_THE PROBLEM_:
Take each line of the listing that has the string "OPENING" and report it.
----------
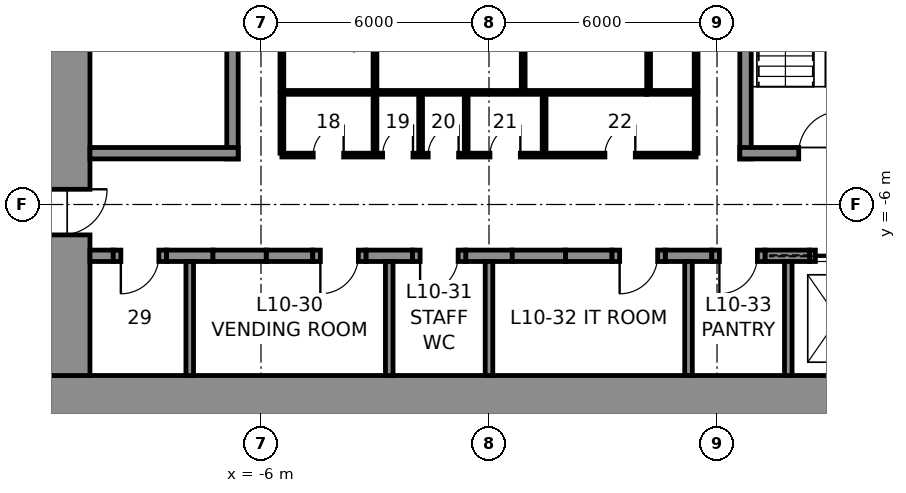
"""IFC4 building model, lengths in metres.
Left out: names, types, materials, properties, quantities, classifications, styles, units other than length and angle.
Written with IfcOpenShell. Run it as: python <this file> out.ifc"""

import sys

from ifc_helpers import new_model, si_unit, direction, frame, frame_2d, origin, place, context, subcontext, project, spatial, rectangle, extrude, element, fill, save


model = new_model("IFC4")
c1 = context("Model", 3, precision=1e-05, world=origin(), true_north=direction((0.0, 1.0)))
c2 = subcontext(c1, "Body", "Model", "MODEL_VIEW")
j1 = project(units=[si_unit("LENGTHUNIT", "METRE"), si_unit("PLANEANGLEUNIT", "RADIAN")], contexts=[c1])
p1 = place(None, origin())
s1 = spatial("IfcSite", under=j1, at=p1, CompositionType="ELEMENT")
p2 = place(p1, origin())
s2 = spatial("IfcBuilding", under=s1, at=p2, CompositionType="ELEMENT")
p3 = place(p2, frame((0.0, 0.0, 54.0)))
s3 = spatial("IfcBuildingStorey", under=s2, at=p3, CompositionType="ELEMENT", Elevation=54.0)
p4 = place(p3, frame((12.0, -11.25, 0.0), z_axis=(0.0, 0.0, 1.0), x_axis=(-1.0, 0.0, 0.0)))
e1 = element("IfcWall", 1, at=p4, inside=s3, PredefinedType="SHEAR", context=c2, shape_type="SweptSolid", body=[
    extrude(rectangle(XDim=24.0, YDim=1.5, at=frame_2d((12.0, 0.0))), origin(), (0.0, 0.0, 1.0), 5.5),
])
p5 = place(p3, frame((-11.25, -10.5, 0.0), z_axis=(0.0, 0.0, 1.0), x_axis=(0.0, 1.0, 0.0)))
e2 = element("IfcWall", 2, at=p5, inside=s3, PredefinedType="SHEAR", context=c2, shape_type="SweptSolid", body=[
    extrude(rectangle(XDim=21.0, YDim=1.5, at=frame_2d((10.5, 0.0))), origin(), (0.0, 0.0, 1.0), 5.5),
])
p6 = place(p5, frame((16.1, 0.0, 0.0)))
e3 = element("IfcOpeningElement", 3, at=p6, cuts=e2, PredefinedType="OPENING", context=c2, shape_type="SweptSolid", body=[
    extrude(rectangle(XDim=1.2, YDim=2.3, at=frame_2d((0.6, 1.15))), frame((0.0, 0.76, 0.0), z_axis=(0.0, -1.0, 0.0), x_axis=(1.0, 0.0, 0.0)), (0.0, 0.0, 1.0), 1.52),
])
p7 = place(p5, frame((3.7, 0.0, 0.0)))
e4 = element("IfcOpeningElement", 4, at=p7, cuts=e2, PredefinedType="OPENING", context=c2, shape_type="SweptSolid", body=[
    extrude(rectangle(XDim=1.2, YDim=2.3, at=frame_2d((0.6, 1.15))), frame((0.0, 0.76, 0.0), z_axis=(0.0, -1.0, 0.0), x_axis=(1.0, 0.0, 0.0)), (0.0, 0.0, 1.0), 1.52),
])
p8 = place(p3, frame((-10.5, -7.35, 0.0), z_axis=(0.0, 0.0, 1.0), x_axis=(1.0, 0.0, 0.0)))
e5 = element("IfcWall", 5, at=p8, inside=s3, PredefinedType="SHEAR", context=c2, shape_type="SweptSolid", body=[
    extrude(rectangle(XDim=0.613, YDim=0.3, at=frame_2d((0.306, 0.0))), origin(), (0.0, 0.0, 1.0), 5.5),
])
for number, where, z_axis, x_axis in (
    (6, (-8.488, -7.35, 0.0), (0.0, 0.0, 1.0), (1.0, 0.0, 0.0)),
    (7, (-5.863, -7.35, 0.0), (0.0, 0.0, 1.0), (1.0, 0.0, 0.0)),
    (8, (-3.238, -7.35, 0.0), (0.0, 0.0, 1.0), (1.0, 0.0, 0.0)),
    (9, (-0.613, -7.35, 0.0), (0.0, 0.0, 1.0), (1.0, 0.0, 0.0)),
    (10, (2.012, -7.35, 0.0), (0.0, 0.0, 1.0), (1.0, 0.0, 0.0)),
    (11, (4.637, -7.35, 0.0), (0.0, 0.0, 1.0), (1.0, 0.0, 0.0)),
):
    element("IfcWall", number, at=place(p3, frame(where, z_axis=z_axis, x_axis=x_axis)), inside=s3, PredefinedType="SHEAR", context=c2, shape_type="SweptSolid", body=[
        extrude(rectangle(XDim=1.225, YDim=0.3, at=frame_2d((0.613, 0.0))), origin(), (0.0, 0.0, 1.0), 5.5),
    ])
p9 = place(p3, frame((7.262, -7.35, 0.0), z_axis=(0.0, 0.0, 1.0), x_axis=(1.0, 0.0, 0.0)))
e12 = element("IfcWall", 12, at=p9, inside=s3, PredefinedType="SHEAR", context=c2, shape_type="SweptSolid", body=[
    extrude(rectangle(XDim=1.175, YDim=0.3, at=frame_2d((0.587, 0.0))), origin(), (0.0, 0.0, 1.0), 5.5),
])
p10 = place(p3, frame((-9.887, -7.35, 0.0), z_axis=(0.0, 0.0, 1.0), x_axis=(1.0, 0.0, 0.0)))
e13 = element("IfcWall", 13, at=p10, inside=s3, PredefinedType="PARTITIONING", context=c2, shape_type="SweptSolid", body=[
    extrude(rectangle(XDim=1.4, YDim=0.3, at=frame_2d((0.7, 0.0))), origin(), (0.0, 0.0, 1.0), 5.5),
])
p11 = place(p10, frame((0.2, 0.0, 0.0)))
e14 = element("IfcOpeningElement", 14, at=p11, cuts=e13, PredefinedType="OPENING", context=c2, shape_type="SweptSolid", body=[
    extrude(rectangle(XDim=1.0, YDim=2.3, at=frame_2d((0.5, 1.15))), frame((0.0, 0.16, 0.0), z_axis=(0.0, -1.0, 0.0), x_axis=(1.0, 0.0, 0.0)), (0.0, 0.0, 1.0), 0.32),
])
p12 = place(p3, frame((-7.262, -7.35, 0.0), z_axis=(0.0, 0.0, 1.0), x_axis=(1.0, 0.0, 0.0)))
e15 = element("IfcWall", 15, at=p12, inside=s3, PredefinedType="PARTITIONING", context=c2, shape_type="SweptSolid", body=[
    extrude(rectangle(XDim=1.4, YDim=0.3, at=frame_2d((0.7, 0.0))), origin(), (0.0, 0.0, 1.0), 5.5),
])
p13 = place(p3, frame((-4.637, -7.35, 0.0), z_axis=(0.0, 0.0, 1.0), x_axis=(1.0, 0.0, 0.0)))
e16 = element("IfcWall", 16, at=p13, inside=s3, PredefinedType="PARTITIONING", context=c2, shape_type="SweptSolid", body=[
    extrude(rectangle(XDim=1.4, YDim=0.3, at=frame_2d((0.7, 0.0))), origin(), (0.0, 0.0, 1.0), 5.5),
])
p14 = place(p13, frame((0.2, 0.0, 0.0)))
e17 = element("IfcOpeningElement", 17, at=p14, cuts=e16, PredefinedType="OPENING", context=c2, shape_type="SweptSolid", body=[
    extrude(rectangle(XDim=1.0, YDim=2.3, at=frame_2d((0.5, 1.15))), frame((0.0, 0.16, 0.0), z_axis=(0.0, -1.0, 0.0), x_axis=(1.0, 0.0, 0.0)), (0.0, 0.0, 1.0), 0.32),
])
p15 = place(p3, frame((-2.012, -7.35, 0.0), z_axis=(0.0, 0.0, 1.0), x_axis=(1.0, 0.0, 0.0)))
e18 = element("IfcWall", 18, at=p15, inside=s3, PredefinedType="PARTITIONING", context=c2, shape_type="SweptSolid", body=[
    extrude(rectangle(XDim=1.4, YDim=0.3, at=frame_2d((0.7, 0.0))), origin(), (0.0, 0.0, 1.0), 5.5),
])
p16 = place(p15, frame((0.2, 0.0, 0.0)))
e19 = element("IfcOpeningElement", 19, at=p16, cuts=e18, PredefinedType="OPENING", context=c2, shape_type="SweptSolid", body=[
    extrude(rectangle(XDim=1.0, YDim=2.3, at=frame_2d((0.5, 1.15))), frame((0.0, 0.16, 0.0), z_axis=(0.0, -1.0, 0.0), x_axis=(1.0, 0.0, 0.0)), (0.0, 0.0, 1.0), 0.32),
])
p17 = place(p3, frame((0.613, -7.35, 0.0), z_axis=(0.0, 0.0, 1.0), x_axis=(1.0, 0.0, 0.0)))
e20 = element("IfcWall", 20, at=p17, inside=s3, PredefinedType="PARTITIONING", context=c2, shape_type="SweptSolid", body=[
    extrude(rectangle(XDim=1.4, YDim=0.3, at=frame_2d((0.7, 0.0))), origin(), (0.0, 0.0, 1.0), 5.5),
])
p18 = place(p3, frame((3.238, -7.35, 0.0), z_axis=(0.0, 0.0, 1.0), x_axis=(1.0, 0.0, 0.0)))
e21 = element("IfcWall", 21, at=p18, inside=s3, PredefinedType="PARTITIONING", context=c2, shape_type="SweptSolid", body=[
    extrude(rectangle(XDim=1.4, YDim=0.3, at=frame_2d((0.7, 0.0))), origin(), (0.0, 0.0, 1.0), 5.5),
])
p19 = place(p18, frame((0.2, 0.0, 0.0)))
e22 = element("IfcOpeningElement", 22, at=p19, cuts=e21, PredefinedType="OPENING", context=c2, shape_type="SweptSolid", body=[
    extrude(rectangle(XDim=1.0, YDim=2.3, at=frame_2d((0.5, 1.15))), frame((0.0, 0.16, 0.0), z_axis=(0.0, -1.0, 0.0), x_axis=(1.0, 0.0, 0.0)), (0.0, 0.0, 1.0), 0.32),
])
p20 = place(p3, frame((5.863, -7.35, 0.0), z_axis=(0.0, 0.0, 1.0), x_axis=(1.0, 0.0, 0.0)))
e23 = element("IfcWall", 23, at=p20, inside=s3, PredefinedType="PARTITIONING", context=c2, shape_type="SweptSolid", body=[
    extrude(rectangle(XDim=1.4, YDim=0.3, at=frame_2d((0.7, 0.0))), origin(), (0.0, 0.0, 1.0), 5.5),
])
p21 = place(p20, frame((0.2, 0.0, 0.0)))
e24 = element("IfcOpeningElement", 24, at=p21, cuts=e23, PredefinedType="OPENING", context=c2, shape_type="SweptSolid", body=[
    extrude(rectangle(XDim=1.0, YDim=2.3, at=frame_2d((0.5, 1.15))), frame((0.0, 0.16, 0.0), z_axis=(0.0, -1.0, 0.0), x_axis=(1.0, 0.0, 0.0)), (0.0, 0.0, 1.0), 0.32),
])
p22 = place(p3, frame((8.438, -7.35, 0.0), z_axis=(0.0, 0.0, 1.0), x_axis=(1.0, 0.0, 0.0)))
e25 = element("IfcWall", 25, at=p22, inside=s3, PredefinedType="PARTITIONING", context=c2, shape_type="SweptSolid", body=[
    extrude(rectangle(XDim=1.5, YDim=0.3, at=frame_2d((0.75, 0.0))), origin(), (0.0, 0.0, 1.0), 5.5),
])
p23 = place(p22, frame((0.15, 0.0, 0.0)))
----------
_SOLUTION FOR THIS PROBLEM_:
e3 = element("IfcOpeningElement", 3, at=p6, cuts=e2, PredefinedType="OPENING", context=c2, shape_type="SweptSolid", body=[
e4 = element("IfcOpeningElement", 4, at=p7, cuts=e2, PredefinedType="OPENING", context=c2, shape_type="SweptSolid", body=[
e14 = element("IfcOpeningElement", 14, at=p11, cuts=e13, PredefinedType="OPENING", context=c2, shape_type="SweptSolid", body=[
e17 = element("IfcOpeningElement", 17, at=p14, cuts=e16, PredefinedType="OPENING", context=c2, shape_type="SweptSolid", body=[
e19 = element("IfcOpeningElement", 19, at=p16, cuts=e18, PredefinedType="OPENING", context=c2, shape_type="SweptSolid", body=[
e22 = element("IfcOpeningElement", 22, at=p19, cuts=e21, PredefinedType="OPENING", context=c2, shape_type="SweptSolid", body=[
e24 = element("IfcOpeningElement", 24, at=p21, cuts=e23, PredefinedType="OPENING", context=c2, shape_type="SweptSolid", body=[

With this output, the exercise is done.